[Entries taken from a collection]
____
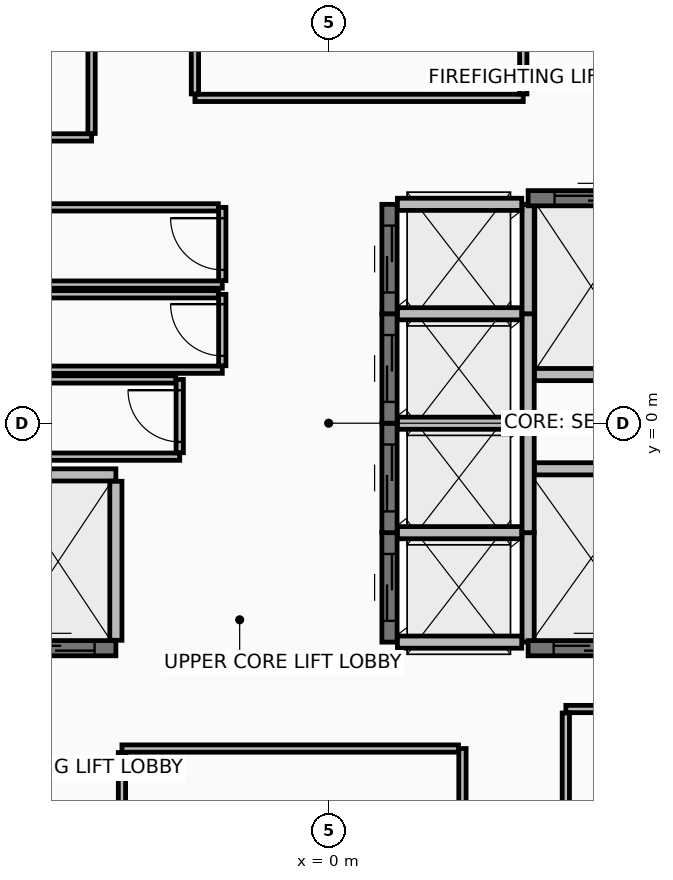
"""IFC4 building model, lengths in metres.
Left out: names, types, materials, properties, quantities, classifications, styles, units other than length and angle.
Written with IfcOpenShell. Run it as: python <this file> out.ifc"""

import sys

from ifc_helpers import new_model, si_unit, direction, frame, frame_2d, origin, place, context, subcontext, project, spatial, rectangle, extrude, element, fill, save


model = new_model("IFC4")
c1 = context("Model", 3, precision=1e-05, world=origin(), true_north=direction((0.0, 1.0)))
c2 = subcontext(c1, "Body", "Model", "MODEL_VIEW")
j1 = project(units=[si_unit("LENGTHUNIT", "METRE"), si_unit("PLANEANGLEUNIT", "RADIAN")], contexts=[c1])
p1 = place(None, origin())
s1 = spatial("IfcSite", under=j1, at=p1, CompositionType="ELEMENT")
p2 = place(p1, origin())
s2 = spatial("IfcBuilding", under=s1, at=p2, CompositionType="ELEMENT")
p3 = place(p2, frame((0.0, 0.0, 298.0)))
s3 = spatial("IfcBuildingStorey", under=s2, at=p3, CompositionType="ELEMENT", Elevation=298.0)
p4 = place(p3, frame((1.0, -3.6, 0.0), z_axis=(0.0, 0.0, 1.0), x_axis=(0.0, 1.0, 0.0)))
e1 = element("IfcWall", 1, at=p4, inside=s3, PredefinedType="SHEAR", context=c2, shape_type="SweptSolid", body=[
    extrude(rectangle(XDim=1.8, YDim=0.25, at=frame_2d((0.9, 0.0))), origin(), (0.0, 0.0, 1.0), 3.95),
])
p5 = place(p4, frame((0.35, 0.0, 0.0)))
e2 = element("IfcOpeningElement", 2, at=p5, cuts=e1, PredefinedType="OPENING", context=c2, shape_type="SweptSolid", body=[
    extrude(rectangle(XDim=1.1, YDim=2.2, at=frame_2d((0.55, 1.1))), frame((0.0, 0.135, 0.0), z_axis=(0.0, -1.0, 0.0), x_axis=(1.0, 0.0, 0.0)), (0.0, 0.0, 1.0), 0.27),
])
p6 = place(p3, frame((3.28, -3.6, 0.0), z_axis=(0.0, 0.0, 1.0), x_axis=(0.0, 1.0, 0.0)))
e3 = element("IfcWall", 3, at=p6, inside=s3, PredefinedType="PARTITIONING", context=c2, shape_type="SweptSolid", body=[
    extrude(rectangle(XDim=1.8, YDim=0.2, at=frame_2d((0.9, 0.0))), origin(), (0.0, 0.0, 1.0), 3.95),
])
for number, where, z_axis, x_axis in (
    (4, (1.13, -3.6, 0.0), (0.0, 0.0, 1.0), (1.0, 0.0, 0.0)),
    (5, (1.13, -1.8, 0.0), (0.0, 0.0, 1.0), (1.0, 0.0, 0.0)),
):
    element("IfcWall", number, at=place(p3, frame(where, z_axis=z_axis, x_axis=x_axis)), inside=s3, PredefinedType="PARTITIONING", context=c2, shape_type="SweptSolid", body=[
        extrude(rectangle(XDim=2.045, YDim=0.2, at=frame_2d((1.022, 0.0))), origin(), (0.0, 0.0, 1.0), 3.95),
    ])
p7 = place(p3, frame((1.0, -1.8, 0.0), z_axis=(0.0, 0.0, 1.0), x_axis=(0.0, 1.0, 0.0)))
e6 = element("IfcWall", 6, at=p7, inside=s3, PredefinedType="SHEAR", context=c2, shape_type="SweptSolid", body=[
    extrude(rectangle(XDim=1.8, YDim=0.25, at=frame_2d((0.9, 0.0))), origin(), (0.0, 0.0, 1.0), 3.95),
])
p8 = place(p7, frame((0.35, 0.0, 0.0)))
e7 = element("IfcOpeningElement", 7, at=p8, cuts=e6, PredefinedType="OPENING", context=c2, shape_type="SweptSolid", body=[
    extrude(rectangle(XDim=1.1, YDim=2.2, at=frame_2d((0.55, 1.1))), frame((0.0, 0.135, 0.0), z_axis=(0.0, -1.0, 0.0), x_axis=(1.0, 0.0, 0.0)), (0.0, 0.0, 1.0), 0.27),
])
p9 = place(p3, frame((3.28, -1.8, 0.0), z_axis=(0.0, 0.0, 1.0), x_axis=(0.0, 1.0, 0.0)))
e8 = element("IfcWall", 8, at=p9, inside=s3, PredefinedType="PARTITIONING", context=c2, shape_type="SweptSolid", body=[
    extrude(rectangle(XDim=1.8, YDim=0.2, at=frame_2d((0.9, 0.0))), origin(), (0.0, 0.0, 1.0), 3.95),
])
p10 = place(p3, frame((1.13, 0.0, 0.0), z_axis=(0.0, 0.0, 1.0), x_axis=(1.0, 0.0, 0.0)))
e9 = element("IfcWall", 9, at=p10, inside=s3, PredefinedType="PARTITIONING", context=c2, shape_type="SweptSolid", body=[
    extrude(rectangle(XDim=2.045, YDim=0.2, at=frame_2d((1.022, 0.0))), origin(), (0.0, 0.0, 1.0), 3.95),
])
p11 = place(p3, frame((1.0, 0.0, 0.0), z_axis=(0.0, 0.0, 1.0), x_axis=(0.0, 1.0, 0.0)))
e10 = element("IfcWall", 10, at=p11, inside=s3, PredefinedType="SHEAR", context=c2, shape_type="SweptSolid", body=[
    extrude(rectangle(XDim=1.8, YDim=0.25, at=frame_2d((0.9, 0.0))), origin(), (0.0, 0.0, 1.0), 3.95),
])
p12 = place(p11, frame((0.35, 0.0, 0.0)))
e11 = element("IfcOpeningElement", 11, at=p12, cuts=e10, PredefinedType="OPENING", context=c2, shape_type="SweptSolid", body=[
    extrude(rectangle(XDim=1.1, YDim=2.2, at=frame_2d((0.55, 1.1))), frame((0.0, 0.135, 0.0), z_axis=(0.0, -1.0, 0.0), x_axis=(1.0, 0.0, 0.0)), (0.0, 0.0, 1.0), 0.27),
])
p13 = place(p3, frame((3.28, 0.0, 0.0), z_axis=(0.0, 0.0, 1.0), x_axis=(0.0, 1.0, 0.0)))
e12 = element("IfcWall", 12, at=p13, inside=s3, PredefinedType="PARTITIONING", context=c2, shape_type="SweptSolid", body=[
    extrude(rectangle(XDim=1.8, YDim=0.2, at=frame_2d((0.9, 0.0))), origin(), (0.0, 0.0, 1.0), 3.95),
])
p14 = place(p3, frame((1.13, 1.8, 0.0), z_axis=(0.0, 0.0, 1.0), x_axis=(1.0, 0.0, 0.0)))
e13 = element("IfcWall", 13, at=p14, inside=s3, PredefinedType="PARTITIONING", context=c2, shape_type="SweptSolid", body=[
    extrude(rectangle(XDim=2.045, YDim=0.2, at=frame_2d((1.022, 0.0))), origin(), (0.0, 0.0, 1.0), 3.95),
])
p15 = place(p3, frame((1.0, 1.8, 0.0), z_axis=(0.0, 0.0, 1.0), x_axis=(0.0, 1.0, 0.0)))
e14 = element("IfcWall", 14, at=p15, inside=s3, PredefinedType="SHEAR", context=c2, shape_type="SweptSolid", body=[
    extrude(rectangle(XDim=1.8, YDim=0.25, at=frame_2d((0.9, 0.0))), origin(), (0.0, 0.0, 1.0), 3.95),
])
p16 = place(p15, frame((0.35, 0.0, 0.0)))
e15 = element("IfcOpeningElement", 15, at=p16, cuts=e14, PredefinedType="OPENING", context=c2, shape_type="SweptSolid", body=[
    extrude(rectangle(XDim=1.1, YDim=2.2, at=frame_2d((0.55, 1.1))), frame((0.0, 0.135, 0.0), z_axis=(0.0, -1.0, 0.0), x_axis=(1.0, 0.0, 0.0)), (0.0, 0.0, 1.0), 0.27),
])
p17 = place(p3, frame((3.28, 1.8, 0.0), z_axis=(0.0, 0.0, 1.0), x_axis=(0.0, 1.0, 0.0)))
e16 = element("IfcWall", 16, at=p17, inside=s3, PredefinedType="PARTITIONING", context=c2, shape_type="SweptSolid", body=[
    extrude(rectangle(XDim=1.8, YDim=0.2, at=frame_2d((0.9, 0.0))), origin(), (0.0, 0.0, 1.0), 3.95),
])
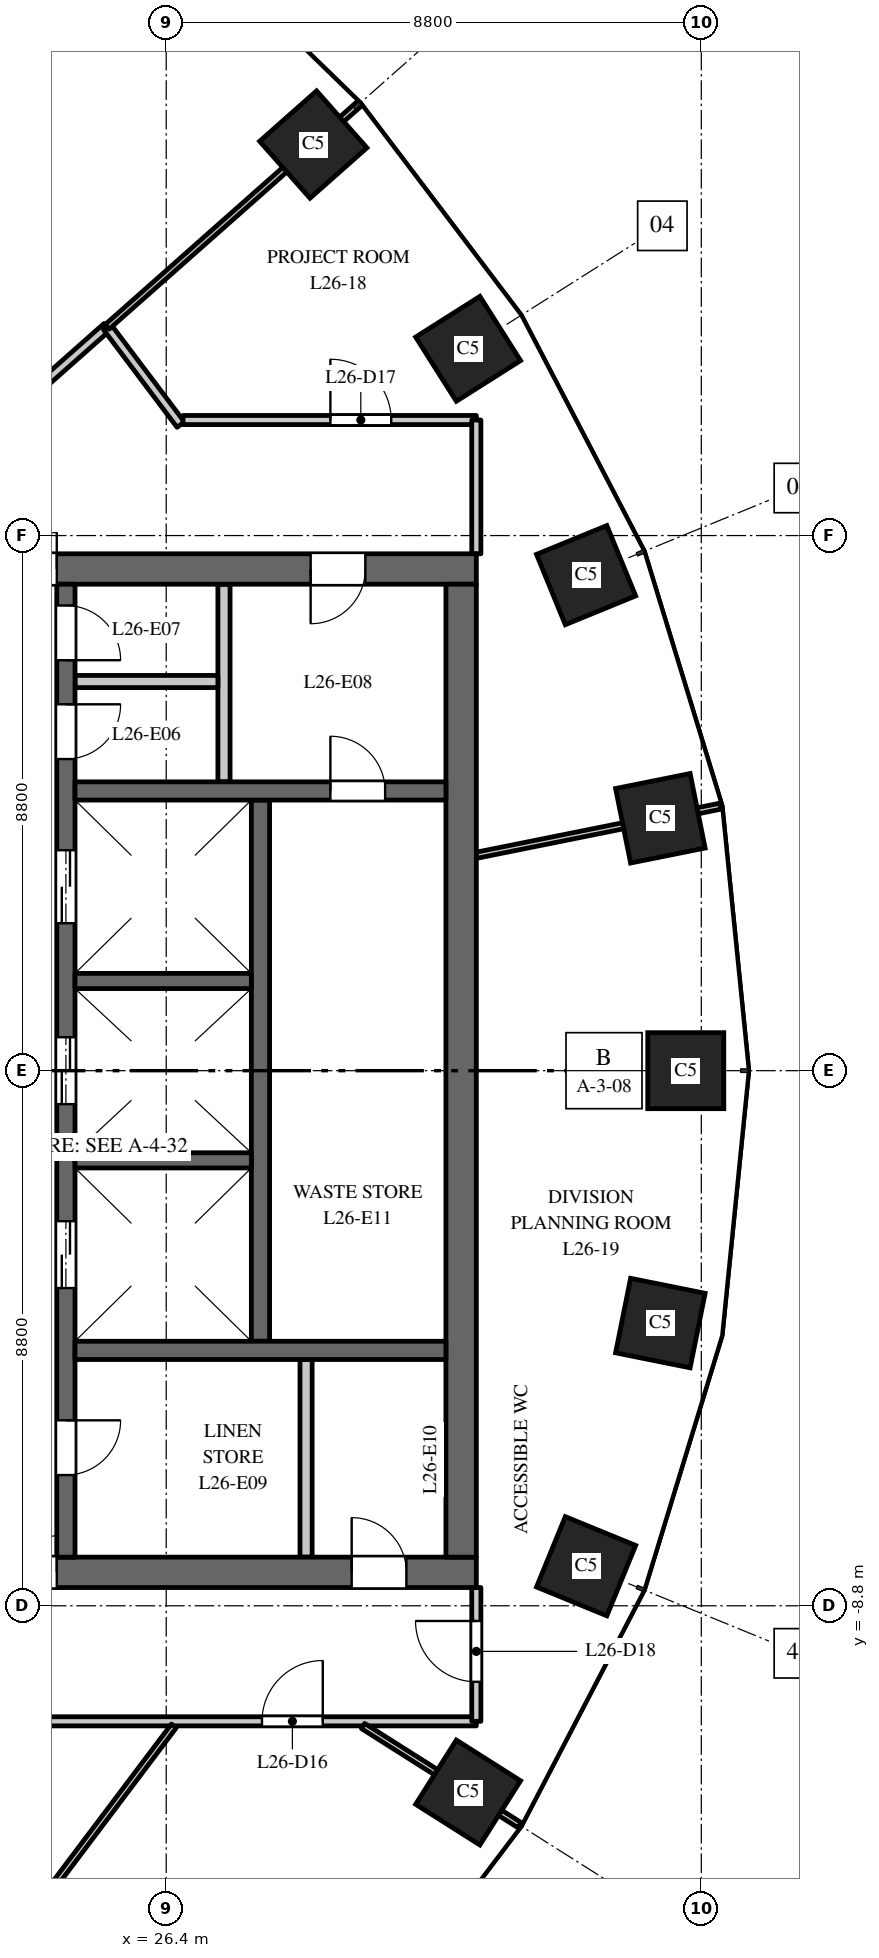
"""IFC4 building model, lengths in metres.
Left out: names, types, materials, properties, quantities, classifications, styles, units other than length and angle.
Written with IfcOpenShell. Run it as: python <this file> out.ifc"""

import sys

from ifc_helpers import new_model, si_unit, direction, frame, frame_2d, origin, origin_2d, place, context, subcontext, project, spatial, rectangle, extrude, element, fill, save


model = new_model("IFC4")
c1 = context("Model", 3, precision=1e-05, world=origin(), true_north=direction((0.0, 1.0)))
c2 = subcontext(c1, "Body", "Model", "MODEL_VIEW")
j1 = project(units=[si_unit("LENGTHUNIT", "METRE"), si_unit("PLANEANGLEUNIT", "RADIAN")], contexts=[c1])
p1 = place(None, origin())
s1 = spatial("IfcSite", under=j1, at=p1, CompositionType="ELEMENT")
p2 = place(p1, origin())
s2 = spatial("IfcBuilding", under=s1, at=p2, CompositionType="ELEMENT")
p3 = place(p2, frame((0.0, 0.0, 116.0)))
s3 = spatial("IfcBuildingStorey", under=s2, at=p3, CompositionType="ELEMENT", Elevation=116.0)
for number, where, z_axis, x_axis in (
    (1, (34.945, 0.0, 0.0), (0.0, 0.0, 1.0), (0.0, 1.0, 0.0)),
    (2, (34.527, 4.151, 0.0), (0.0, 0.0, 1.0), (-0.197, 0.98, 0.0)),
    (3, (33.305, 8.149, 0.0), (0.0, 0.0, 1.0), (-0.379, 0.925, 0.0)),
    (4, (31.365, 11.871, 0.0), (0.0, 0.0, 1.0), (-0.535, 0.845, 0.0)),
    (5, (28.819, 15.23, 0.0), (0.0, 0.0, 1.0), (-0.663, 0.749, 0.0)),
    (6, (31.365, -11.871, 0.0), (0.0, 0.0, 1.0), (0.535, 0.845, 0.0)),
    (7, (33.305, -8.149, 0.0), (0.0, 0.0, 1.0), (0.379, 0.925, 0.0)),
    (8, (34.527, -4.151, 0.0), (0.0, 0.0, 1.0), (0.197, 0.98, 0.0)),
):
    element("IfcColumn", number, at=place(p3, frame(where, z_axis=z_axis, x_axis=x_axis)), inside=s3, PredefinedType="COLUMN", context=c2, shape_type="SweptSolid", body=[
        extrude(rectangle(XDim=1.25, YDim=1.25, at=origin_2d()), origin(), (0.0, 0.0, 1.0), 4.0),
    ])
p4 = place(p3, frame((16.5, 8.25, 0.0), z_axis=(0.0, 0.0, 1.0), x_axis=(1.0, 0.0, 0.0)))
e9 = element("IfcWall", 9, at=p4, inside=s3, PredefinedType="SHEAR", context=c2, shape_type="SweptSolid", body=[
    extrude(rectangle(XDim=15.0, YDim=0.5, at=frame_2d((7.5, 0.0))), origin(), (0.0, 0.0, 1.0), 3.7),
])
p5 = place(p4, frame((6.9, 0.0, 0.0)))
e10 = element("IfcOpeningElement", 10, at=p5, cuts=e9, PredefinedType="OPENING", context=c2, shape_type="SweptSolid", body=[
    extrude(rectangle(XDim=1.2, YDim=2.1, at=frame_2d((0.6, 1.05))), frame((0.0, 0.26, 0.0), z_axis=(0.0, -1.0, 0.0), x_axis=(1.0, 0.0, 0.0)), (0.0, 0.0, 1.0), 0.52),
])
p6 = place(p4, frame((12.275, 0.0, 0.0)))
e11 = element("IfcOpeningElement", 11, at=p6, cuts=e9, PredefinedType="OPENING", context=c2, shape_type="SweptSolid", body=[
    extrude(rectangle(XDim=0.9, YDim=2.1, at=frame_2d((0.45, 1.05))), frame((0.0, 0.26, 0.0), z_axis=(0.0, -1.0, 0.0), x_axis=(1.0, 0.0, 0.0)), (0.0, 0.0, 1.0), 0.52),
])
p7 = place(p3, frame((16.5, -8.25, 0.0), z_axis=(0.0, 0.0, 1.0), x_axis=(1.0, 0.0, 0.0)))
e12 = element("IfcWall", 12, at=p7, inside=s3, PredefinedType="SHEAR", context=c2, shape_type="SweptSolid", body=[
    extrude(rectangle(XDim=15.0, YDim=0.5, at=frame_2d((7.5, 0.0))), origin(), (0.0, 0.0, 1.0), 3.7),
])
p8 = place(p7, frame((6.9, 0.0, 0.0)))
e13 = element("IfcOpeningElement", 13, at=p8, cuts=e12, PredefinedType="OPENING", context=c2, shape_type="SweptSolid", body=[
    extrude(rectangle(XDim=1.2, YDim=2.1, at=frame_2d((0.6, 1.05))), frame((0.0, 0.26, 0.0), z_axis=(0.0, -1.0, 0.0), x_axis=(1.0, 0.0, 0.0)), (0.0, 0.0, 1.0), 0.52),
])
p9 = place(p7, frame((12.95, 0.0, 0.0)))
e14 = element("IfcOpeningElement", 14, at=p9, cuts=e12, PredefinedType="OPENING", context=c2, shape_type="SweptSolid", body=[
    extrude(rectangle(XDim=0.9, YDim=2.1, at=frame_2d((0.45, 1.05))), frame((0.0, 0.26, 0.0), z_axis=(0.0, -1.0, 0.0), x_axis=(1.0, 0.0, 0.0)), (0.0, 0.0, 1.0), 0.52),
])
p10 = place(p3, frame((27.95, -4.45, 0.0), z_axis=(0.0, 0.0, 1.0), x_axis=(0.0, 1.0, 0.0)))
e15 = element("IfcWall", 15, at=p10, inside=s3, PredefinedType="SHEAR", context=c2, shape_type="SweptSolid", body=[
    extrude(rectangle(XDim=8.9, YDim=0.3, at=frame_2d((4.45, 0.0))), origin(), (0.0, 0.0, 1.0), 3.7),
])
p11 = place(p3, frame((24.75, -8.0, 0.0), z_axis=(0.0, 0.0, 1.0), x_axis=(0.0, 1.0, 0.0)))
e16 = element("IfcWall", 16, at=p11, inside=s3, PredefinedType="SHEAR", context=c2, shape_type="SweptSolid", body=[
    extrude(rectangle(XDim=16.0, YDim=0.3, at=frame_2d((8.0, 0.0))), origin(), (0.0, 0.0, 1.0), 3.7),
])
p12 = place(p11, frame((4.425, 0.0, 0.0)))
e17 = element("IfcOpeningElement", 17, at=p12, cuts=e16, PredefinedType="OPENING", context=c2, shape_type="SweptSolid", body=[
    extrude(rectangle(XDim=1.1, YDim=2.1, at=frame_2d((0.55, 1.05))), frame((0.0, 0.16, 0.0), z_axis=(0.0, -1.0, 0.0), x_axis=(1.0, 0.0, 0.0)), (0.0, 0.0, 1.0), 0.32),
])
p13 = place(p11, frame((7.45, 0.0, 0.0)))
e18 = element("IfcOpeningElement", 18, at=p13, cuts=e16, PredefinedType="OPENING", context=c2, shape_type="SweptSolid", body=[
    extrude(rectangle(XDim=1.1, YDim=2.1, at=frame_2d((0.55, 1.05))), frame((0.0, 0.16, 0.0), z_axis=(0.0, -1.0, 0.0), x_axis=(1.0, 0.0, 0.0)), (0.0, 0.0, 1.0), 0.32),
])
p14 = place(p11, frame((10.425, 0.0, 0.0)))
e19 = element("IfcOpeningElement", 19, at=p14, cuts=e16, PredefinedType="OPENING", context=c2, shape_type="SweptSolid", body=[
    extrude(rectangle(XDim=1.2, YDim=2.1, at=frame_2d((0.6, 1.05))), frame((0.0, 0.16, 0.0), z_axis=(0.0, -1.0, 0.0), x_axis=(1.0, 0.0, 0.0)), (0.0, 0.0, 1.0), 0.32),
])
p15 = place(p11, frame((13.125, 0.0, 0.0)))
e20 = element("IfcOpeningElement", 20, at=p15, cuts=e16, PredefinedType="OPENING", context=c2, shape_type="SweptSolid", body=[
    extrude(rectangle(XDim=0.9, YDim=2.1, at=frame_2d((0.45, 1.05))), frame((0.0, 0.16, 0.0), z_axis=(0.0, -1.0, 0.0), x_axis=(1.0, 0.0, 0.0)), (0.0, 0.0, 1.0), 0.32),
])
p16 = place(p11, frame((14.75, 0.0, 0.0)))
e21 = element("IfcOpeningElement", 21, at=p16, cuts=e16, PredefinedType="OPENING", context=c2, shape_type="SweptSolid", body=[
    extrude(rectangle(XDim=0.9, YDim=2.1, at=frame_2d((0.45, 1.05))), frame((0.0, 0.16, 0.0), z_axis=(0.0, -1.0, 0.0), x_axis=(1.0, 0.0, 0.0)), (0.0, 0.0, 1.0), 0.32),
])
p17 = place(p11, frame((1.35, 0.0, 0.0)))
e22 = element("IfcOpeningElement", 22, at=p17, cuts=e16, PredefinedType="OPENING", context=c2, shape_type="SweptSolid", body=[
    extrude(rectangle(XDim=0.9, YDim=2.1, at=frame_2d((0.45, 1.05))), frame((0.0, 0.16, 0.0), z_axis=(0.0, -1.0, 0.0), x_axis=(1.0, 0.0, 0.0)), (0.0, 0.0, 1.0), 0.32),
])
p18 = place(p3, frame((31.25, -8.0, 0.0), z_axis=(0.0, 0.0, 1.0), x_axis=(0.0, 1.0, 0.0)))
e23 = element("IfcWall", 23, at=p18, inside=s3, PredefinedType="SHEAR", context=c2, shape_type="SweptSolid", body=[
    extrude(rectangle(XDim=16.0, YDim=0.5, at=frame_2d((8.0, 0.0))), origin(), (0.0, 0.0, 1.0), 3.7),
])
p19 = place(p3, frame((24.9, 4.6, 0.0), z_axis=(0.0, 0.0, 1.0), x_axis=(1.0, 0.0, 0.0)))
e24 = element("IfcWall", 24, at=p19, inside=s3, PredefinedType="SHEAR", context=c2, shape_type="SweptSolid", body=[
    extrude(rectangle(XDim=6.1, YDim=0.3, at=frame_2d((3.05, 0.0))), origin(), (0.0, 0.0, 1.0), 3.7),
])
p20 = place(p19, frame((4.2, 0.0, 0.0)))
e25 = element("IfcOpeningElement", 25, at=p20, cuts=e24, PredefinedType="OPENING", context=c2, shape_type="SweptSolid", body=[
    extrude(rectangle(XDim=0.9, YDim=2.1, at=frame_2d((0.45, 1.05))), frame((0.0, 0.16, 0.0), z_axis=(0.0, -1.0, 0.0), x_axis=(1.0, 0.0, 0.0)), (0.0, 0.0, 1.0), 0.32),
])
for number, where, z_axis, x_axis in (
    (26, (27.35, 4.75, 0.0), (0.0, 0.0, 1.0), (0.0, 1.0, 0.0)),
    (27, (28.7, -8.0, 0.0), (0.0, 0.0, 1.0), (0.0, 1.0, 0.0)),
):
____
• Exercise description:
What lines in the records above include the string "fill"? Copy each one.

• Response for this exercise:
from ifc_helpers import new_model, si_unit, direction, frame, frame_2d, origin, place, context, subcontext, project, spatial, rectangle, extrude, element, fill, save
from ifc_helpers import new_model, si_unit, direction, frame, frame_2d, origin, origin_2d, place, context, subcontext, project, spatial, rectangle, extrude, element, fill, save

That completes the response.